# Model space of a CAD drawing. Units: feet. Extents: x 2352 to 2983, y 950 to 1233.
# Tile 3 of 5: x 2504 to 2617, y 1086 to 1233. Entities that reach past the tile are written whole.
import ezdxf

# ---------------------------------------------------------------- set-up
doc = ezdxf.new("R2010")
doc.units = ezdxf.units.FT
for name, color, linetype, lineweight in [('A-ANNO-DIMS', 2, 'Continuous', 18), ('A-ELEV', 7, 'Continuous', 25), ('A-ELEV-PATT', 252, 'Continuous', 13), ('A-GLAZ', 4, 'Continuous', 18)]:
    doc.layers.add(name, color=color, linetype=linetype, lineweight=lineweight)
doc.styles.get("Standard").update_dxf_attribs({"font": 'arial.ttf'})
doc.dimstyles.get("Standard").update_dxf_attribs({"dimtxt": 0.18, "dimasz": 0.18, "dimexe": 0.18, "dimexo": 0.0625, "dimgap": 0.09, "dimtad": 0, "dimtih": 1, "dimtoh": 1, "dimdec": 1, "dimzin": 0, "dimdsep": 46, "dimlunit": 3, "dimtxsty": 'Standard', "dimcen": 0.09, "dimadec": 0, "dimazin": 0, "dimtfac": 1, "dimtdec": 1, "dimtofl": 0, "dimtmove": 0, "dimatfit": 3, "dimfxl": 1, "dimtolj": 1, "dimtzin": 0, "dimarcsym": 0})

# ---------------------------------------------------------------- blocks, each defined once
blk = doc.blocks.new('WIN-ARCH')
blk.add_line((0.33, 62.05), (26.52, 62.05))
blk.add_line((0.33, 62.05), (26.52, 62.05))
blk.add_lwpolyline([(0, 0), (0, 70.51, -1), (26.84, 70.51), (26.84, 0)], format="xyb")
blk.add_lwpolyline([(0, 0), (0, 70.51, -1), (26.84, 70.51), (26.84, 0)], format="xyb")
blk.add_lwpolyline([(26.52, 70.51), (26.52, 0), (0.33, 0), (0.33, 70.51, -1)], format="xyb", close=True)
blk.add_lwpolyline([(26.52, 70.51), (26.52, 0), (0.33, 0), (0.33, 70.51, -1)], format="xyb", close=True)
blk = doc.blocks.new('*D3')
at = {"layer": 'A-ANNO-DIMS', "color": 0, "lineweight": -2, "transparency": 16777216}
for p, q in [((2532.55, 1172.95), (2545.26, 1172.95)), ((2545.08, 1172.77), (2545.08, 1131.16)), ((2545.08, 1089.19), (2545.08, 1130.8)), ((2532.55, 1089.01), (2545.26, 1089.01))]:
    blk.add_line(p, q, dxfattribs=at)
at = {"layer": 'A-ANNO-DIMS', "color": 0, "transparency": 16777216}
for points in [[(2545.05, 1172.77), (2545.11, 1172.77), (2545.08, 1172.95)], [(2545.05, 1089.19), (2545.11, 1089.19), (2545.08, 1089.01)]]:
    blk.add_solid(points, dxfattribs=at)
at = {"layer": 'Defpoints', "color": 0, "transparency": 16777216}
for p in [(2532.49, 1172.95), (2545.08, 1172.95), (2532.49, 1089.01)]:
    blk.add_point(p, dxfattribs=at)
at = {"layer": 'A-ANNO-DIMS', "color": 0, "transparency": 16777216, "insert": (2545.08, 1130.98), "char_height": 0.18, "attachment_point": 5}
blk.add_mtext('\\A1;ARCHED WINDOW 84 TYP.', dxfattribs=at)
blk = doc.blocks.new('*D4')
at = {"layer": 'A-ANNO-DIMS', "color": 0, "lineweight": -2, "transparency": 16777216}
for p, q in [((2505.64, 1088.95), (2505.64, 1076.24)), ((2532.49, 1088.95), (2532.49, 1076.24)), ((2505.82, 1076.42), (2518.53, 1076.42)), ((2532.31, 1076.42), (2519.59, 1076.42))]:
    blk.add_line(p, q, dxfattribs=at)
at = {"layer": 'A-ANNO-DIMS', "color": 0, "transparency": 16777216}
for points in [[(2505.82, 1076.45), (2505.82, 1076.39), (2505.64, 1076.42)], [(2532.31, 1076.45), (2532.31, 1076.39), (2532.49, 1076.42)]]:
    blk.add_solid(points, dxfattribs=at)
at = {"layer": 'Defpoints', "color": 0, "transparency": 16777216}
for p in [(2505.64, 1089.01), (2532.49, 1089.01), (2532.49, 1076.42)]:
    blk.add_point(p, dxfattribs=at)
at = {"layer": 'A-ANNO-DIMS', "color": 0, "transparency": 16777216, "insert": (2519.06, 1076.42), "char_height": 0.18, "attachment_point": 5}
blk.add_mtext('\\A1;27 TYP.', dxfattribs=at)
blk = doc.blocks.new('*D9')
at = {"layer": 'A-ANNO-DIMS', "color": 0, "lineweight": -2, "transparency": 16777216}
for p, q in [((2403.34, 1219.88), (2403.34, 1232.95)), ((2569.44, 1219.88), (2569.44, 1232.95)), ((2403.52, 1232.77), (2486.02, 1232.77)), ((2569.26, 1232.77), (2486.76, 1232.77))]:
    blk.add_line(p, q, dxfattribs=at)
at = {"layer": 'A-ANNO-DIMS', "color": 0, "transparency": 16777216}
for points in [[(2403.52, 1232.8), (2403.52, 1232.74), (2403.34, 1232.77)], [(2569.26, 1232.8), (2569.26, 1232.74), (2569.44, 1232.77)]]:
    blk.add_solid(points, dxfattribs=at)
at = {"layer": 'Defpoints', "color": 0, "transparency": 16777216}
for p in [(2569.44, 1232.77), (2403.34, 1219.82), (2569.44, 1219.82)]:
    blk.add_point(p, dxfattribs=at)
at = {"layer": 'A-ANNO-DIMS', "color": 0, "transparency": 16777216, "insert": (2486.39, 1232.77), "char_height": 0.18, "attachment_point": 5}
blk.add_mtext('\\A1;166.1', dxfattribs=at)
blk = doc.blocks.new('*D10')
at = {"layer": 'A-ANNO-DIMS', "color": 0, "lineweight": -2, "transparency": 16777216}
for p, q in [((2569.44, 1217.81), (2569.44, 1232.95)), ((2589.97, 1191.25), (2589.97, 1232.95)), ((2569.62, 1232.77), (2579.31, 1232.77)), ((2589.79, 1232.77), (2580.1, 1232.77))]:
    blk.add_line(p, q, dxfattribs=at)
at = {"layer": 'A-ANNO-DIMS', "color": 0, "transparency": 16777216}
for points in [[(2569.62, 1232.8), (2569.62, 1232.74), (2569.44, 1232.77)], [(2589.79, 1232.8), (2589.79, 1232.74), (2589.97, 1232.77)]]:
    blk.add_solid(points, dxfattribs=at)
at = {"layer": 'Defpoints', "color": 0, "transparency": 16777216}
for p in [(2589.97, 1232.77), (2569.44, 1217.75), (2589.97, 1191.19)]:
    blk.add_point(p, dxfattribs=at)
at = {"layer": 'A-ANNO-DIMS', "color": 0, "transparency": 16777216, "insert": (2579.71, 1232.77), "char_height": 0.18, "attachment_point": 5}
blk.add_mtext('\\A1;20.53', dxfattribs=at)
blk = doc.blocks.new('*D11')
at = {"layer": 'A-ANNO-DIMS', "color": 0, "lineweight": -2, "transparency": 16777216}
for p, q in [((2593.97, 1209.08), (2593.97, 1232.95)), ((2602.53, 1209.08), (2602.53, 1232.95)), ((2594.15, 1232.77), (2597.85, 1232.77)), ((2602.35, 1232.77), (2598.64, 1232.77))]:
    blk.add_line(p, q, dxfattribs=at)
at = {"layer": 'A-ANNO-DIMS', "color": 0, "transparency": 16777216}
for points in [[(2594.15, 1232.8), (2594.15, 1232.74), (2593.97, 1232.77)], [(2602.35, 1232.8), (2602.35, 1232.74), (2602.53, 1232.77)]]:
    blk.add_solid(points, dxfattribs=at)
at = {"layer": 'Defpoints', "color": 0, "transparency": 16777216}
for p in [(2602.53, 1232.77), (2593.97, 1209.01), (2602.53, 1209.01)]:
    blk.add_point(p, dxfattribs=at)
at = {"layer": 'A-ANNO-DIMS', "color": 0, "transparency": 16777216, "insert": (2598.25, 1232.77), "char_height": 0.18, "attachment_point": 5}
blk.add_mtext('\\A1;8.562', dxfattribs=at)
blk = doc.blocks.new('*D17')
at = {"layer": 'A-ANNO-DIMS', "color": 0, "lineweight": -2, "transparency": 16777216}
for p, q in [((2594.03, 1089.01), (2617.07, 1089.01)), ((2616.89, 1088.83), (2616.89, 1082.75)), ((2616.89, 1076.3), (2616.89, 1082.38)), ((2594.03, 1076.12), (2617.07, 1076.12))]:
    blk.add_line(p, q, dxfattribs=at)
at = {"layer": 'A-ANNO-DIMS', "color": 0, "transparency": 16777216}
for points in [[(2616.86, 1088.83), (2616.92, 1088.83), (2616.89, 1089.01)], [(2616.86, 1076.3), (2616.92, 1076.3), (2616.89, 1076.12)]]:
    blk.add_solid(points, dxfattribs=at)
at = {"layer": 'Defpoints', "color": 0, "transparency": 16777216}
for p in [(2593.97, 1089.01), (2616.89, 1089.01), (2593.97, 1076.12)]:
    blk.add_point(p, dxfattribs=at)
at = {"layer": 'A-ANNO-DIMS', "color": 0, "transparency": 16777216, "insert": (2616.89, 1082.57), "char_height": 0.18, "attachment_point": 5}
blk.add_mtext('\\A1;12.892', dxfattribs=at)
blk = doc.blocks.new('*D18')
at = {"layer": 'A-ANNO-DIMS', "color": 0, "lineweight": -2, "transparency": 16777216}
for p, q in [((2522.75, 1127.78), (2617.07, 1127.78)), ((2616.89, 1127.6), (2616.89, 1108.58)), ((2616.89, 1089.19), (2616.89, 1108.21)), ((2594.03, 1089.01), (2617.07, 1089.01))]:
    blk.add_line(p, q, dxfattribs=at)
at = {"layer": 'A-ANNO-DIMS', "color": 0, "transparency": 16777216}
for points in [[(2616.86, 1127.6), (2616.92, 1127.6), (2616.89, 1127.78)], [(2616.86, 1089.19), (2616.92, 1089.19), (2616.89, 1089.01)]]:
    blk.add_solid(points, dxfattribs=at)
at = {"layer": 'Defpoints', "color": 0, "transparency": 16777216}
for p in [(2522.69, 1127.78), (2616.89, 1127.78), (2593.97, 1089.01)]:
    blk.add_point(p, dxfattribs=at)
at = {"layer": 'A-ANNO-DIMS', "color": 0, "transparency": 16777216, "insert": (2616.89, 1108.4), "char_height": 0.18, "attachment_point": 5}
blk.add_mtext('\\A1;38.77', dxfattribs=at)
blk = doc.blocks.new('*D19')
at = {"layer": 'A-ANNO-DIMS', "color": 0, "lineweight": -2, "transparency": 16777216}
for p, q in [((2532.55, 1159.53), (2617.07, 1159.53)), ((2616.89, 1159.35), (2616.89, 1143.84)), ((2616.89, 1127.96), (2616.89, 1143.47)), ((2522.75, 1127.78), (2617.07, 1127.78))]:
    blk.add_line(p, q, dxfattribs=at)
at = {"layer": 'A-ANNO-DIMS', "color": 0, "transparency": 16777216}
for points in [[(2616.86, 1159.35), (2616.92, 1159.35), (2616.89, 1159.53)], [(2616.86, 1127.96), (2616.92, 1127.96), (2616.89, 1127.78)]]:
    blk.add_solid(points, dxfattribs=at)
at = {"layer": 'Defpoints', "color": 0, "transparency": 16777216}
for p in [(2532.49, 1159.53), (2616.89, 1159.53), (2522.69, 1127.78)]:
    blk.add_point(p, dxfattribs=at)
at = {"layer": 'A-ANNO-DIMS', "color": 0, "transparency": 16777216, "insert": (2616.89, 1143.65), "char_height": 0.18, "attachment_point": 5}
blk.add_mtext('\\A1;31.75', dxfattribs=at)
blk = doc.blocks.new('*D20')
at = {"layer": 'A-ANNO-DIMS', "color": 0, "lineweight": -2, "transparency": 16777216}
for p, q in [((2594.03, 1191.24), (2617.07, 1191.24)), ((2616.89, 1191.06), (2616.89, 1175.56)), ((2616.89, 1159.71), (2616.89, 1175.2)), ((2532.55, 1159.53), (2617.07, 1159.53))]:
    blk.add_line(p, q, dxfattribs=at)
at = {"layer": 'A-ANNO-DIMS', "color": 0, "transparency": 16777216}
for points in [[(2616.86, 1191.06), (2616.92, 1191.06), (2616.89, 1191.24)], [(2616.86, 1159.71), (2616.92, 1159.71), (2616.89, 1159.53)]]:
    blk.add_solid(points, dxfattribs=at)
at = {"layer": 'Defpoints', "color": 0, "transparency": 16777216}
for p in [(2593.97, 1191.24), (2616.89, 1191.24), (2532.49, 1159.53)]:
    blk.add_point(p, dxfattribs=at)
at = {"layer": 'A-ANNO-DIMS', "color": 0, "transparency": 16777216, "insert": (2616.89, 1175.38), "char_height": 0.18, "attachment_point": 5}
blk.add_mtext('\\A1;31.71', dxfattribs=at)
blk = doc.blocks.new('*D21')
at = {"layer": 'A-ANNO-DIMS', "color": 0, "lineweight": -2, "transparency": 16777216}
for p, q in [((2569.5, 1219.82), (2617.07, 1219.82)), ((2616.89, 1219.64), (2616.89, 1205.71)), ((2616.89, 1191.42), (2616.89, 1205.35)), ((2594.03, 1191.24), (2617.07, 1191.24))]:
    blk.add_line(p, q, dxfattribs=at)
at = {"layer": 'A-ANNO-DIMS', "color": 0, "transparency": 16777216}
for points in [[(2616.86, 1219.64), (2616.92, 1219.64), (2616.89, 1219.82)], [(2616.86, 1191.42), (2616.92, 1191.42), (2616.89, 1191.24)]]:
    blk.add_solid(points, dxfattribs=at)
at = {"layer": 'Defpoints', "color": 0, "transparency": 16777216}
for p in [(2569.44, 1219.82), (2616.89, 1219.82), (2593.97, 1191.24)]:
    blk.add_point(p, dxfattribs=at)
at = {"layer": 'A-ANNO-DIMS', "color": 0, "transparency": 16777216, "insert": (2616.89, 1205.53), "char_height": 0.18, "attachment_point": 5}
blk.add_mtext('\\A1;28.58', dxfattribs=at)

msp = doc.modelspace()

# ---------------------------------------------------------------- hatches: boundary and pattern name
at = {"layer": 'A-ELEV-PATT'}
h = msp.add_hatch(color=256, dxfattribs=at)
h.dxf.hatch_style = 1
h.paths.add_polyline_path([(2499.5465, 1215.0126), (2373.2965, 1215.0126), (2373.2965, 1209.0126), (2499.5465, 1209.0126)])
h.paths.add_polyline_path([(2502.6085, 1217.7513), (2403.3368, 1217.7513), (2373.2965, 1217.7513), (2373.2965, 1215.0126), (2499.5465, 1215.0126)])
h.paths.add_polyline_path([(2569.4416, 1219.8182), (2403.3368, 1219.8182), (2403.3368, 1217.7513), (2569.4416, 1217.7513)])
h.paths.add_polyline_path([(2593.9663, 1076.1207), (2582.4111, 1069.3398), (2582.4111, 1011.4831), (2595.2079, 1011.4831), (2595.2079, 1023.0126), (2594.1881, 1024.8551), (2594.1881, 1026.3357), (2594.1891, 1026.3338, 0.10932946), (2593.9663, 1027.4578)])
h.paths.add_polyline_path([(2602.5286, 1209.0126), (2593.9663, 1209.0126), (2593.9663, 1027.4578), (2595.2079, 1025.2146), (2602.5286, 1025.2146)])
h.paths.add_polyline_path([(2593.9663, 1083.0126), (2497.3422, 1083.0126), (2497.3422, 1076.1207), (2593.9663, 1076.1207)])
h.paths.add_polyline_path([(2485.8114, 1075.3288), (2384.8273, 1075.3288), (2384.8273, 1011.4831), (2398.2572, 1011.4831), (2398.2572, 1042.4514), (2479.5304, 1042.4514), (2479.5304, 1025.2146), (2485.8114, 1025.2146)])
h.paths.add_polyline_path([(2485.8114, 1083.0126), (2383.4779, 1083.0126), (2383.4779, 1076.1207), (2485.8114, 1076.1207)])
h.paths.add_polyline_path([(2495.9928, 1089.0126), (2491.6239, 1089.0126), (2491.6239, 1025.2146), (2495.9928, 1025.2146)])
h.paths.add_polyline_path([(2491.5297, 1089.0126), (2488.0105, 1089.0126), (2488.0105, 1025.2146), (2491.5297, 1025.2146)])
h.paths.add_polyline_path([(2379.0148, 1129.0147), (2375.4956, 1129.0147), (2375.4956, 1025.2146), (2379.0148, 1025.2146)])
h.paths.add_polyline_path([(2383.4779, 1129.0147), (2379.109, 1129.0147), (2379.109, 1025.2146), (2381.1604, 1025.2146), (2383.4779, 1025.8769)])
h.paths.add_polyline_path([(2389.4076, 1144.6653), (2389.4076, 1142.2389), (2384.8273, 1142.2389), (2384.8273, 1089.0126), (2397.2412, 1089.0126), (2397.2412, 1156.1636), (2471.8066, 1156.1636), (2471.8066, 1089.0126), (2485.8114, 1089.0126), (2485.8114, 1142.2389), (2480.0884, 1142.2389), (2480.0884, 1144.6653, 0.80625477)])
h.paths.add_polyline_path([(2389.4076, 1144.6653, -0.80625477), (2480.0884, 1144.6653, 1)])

━━━━━━━━━━━━━━━━

Please go through the data and copy each line containing the word "ezdxf".

import ezdxf
doc = ezdxf.new("R2010")
doc.units = ezdxf.units.FT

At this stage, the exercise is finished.